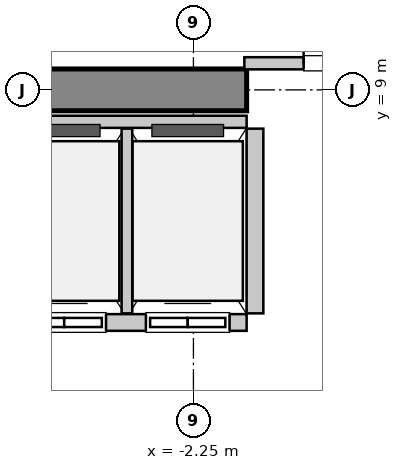
"""IFC4 building model, lengths in metres.
Left out: names, types, materials, properties, quantities, classifications, styles, units other than length and angle.
Written with IfcOpenShell. Run it as: python <this file> out.ifc"""

import sys

from ifc_helpers import new_model, si_unit, direction, frame, frame_2d, origin, place, context, subcontext, project, spatial, rectangle, extrude, source, transform, mapped, element, fill, save


model = new_model("IFC4")
c1 = context("Model", 3, precision=1e-05, world=origin(), true_north=direction((0.0, 1.0)))
c2 = subcontext(c1, "Body", "Model", "MODEL_VIEW")
j1 = project(units=[si_unit("LENGTHUNIT", "METRE"), si_unit("PLANEANGLEUNIT", "RADIAN")], contexts=[c1])
p1 = place(None, origin())
s1 = spatial("IfcSite", under=j1, at=p1, CompositionType="ELEMENT")
p2 = place(p1, origin())
s2 = spatial("IfcBuilding", under=s1, at=p2, CompositionType="ELEMENT")
p3 = place(p2, frame((0.0, 0.0, 90.8)))
s3 = spatial("IfcBuildingStorey", under=s2, at=p3, CompositionType="ELEMENT", Elevation=90.8)
m1 = source(origin(), c2, "Body", "SweptSolid", [
    extrude(rectangle(XDim=9.975, YDim=0.55, at=frame_2d((4.987, 0.0))), origin(), (0.0, 0.0, 1.0), 3.8),
])
p4 = place(p3, frame((-11.525, 9.0, 0.0), z_axis=(0.0, 0.0, 1.0), x_axis=(1.0, 0.0, 0.0)))
e1 = element("IfcWall", 1, at=p4, inside=s3, PredefinedType="SHEAR", context=c2, shape_type="MappedRepresentation", body=[
    mapped(m1, transform((0.0, 0.0, 0.0), x_axis=(1.0, 0.0, 0.0), y_axis=(0.0, 1.0, 0.0), z_axis=(0.0, 0.0, 1.0), scale=1.0)),
])
m2 = source(origin(), c2, "Body", "SweptSolid", [
    extrude(rectangle(XDim=3.2, YDim=0.22, at=frame_2d((1.6, 0.0))), origin(), (0.0, 0.0, 1.0), 3.535),
])
p5 = place(p3, frame((-4.75, 5.94, 0.0), z_axis=(0.0, 0.0, 1.0), x_axis=(1.0, 0.0, 0.0)))
e2 = element("IfcWall", 2, at=p5, inside=s3, PredefinedType="SOLIDWALL", context=c2, shape_type="MappedRepresentation", body=[
    mapped(m2, transform((0.0, 0.0, 0.0), x_axis=(1.0, 0.0, 0.0), y_axis=(0.0, 1.0, 0.0), z_axis=(0.0, 0.0, 1.0), scale=1.0)),
])
p6 = place(p5, frame((0.25, 0.0, 0.0)))
e3 = element("IfcOpeningElement", 3, at=p6, cuts=e2, PredefinedType="OPENING", context=c2, shape_type="SweptSolid", body=[
    extrude(rectangle(XDim=1.1, YDim=2.2, at=frame_2d((0.55, 1.1))), frame((0.0, 0.12, 0.0), z_axis=(0.0, -1.0, 0.0), x_axis=(1.0, 0.0, 0.0)), (0.0, 0.0, 1.0), 0.24),
])
p7 = place(p5, frame((1.875, 0.0, 0.0)))
e4 = element("IfcOpeningElement", 4, at=p7, cuts=e2, PredefinedType="OPENING", context=c2, shape_type="SweptSolid", body=[
    extrude(rectangle(XDim=1.1, YDim=2.2, at=frame_2d((0.55, 1.1))), frame((0.0, 0.12, 0.0), z_axis=(0.0, -1.0, 0.0), x_axis=(1.0, 0.0, 0.0)), (0.0, 0.0, 1.0), 0.24),
])
m3 = source(origin(), c2, "Body", "SweptSolid", [
    extrude(rectangle(XDim=3.2, YDim=0.16, at=frame_2d((1.6, 0.0))), origin(), (0.0, 0.0, 1.0), 2.425),
])
p8 = place(p3, frame((-1.55, 8.58, 0.0), z_axis=(0.0, 0.0, 1.0), x_axis=(-1.0, 0.0, 0.0)))
e5 = element("IfcWall", 5, at=p8, inside=s3, PredefinedType="PARTITIONING", context=c2, shape_type="MappedRepresentation", body=[
    mapped(m3, transform((0.0, 0.0, 0.0), x_axis=(1.0, 0.0, 0.0), y_axis=(0.0, 1.0, 0.0), z_axis=(0.0, 0.0, 1.0), scale=1.0)),
])
m4 = source(origin(), c2, "Body", "SweptSolid", [
    extrude(rectangle(XDim=2.43, YDim=0.14, at=frame_2d((1.215, 0.0))), origin(), (0.0, 0.0, 1.0), 3.535),
])
p9 = place(p3, frame((-3.125, 6.06, 0.0), z_axis=(0.0, 0.0, 1.0), x_axis=(0.0, 1.0, 0.0)))
e6 = element("IfcWall", 6, at=p9, inside=s3, PredefinedType="PARTITIONING", context=c2, shape_type="MappedRepresentation", body=[
    mapped(m4, transform((0.0, 0.0, 0.0), x_axis=(1.0, 0.0, 0.0), y_axis=(0.0, 1.0, 0.0), z_axis=(0.0, 0.0, 1.0), scale=1.0)),
])
m5 = source(origin(), c2, "Body", "SweptSolid", [
    extrude(rectangle(XDim=2.43, YDim=0.22, at=frame_2d((1.215, 0.0))), origin(), (0.0, 0.0, 1.0), 3.535),
])
p10 = place(p3, frame((-1.44, 6.06, 0.0), z_axis=(0.0, 0.0, 1.0), x_axis=(0.0, 1.0, 0.0)))
e7 = element("IfcWall", 7, at=p10, inside=s3, PredefinedType="SOLIDWALL", context=c2, shape_type="MappedRepresentation", body=[
    mapped(m5, transform((0.0, 0.0, 0.0), x_axis=(1.0, 0.0, 0.0), y_axis=(0.0, 1.0, 0.0), z_axis=(0.0, 0.0, 1.0), scale=1.0)),
])
m6 = source(origin(), c2, "Body", "SweptSolid", [
    extrude(rectangle(XDim=3.16, YDim=0.16, at=frame_2d((1.58, 0.0))), origin(), (0.0, 0.0, 1.0), 2.425),
])
p11 = place(p3, frame((-1.58, 9.35, 0.0), z_axis=(0.0, 0.0, 1.0), x_axis=(1.0, 0.0, 0.0)))
e8 = element("IfcWall", 8, at=p11, inside=s3, PredefinedType="PARTITIONING", context=c2, shape_type="MappedRepresentation", body=[
    mapped(m6, transform((0.0, 0.0, 0.0), x_axis=(1.0, 0.0, 0.0), y_axis=(0.0, 1.0, 0.0), z_axis=(0.0, 0.0, 1.0), scale=1.0)),
])
p12 = place(p11, frame((0.78, 0.0, 0.0)))
e9 = element("IfcOpeningElement", 9, at=p12, cuts=e8, PredefinedType="OPENING", context=c2, shape_type="SweptSolid", body=[
    extrude(rectangle(XDim=1.6, YDim=2.3, at=frame_2d((0.8, 1.15))), frame((0.0, 0.09, 0.0), z_axis=(0.0, -1.0, 0.0), x_axis=(1.0, 0.0, 0.0)), (0.0, 0.0, 1.0), 0.18),
])
m7 = source(origin(), c2, "Body", "SweptSolid", [
    extrude(rectangle(XDim=1.1, YDim=2.2, at=frame_2d((0.55, 1.1))), frame((0.0, 0.025, 0.0), z_axis=(0.0, -1.0, 0.0), x_axis=(1.0, 0.0, 0.0)), (0.0, 0.0, 1.0), 0.05),
])
p13 = place(p6, origin())
e10 = element("IfcDoor", 10, at=p13, inside=s3, OperationType="DOUBLE_DOOR_SLIDING", PredefinedType="DOOR", context=c2, shape_type="MappedRepresentation", body=[
    mapped(m7, transform((0.0, 0.0, 0.0), x_axis=(1.0, 0.0, 0.0), y_axis=(0.0, 1.0, 0.0), z_axis=(0.0, 0.0, 1.0), scale=1.0)),
])
fill(e3, e10)
p14 = place(p7, origin())
e11 = element("IfcDoor", 11, at=p14, inside=s3, OperationType="DOUBLE_DOOR_SLIDING", PredefinedType="DOOR", context=c2, shape_type="MappedRepresentation", body=[
    mapped(m7, transform((0.0, 0.0, 0.0), x_axis=(1.0, 0.0, 0.0), y_axis=(0.0, 1.0, 0.0), z_axis=(0.0, 0.0, 1.0), scale=1.0)),
])
fill(e4, e11)
m8 = source(origin(), c2, "Body", "SweptSolid", [
    extrude(rectangle(XDim=1.6, YDim=2.3, at=frame_2d((0.8, 1.15))), frame((0.0, 0.025, 0.0), z_axis=(0.0, -1.0, 0.0), x_axis=(1.0, 0.0, 0.0)), (0.0, 0.0, 1.0), 0.05),
])
p15 = place(p12, origin())
e12 = element("IfcDoor", 12, at=p15, inside=s3, OperationType="DOUBLE_DOOR_SINGLE_SWING", PredefinedType="DOOR", context=c2, shape_type="MappedRepresentation", body=[
    mapped(m8, transform((0.0, 0.0, 0.0), x_axis=(1.0, 0.0, 0.0), y_axis=(0.0, 1.0, 0.0), z_axis=(0.0, 0.0, 1.0), scale=1.0)),
])
fill(e9, e12)
save(model, sys.argv[1])
++++++++++++++++++++
### Work task
Only lines with the word "OPENING" belong in the answer; copy each of them from the material above.

### Written answer
e3 = element("IfcOpeningElement", 3, at=p6, cuts=e2, PredefinedType="OPENING", context=c2, shape_type="SweptSolid", body=[
e4 = element("IfcOpeningElement", 4, at=p7, cuts=e2, PredefinedType="OPENING", context=c2, shape_type="SweptSolid", body=[
e9 = element("IfcOpeningElement", 9, at=p12, cuts=e8, PredefinedType="OPENING", context=c2, shape_type="SweptSolid", body=[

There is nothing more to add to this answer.